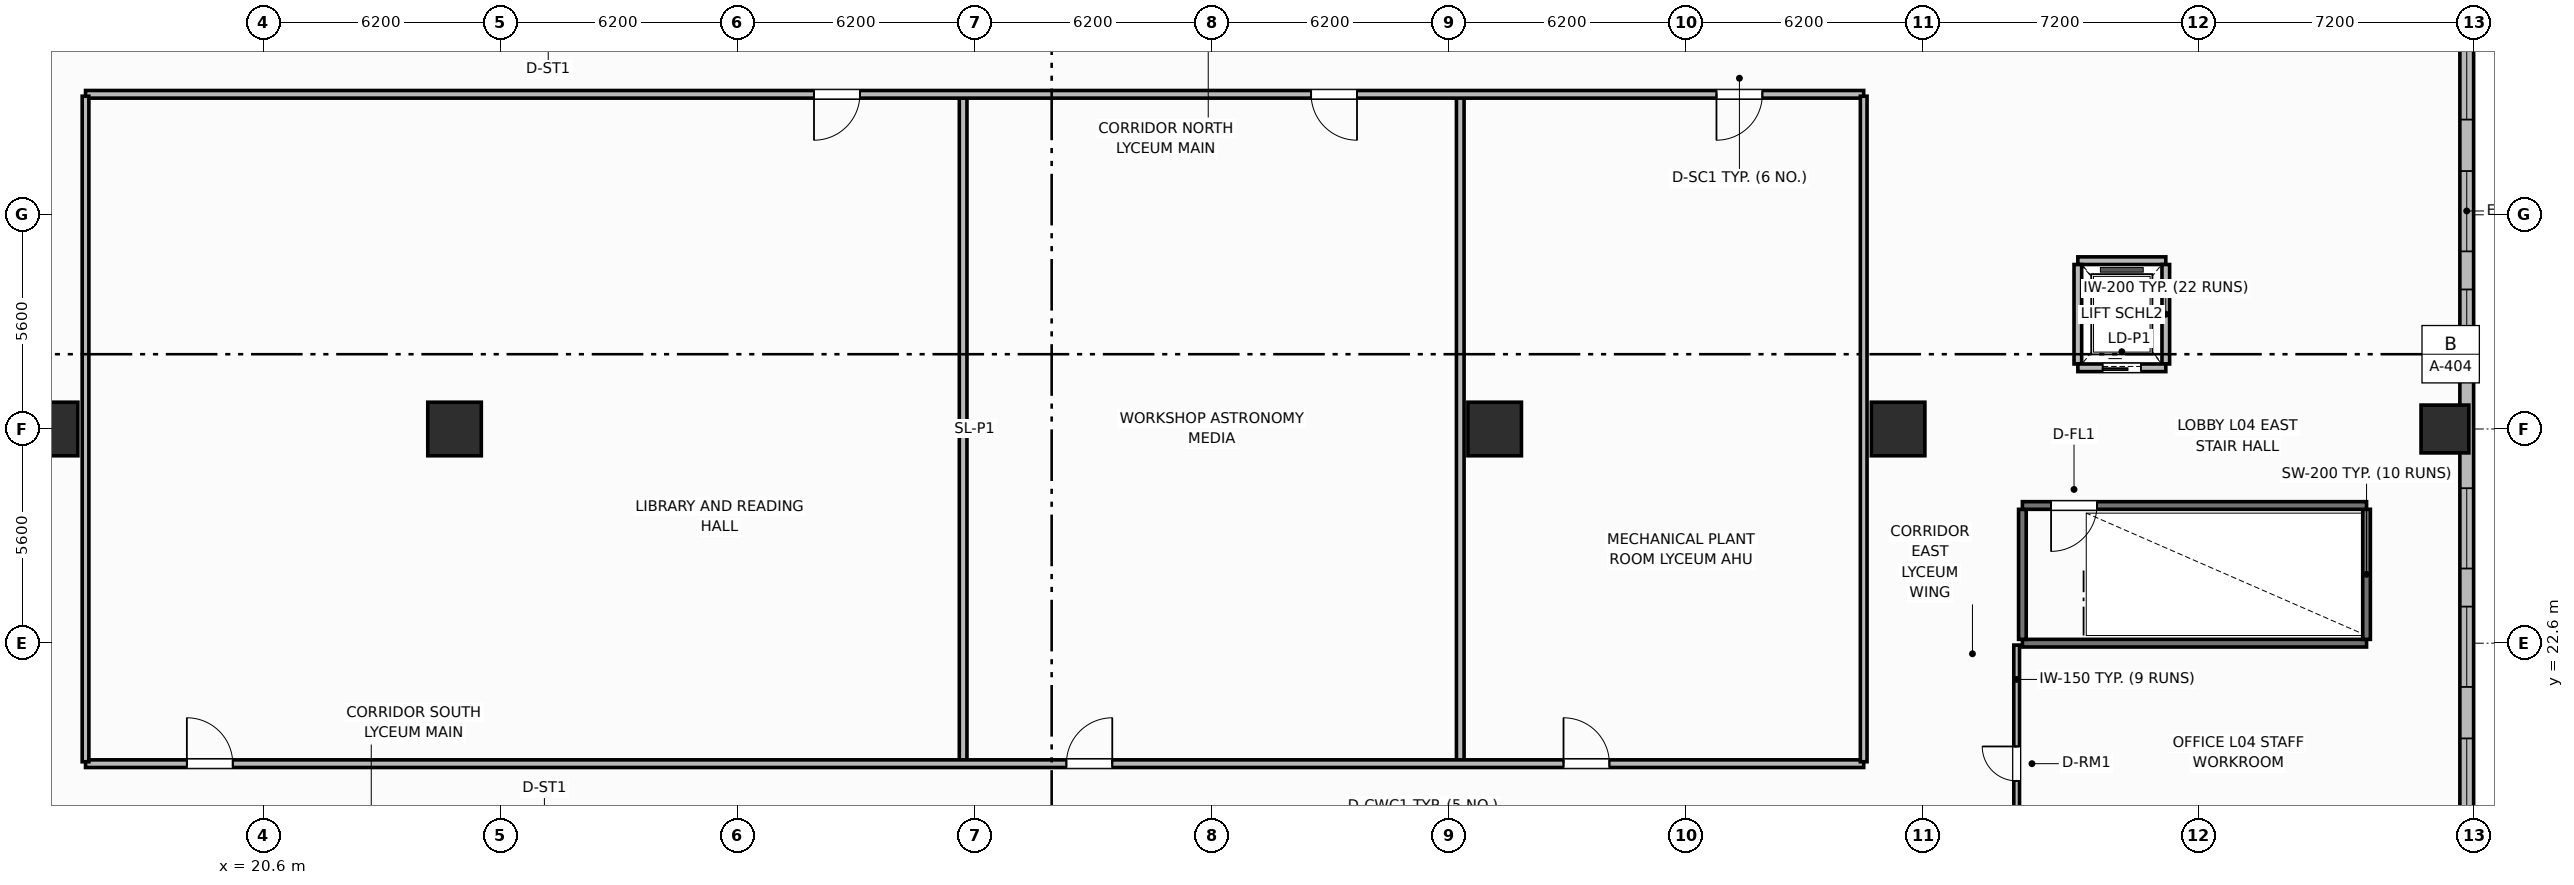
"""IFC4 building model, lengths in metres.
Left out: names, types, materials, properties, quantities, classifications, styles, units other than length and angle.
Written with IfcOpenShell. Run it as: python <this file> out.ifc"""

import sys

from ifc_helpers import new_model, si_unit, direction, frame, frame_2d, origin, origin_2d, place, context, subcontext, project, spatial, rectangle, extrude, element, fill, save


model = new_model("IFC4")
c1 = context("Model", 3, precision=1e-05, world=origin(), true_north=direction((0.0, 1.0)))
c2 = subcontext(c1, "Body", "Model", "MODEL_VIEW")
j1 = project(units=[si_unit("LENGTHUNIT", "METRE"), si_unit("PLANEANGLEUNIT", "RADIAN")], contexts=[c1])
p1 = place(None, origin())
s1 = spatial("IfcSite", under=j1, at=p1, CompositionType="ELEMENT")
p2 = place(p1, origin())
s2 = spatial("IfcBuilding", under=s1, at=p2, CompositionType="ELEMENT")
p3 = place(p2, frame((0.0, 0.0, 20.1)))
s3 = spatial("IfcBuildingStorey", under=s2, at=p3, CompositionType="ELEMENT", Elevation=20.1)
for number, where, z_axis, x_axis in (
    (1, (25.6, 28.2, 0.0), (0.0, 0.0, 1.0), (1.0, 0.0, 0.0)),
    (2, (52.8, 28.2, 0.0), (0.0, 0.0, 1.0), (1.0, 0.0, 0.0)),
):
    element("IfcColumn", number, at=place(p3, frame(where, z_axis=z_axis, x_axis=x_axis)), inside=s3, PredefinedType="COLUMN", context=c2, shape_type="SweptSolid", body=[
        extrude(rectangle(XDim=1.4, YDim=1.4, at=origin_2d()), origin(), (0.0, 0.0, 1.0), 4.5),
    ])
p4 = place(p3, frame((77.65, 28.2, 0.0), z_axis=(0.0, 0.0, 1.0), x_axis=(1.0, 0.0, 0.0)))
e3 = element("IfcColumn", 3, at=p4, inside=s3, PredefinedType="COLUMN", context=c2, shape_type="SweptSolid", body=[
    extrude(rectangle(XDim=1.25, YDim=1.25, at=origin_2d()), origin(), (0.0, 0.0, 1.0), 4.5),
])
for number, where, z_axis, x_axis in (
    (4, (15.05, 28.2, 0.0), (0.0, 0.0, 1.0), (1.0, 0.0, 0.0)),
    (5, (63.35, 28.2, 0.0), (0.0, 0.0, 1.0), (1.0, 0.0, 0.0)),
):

Task instructions: If a line in the entries includes the word "spatial", copy that line out.

Problem solution:
from ifc_helpers import new_model, si_unit, direction, frame, frame_2d, origin, origin_2d, place, context, subcontext, project, spatial, rectangle, extrude, element, fill, save
s1 = spatial("IfcSite", under=j1, at=p1, CompositionType="ELEMENT")
s2 = spatial("IfcBuilding", under=s1, at=p2, CompositionType="ELEMENT")
s3 = spatial("IfcBuildingStorey", under=s2, at=p3, CompositionType="ELEMENT", Elevation=20.1)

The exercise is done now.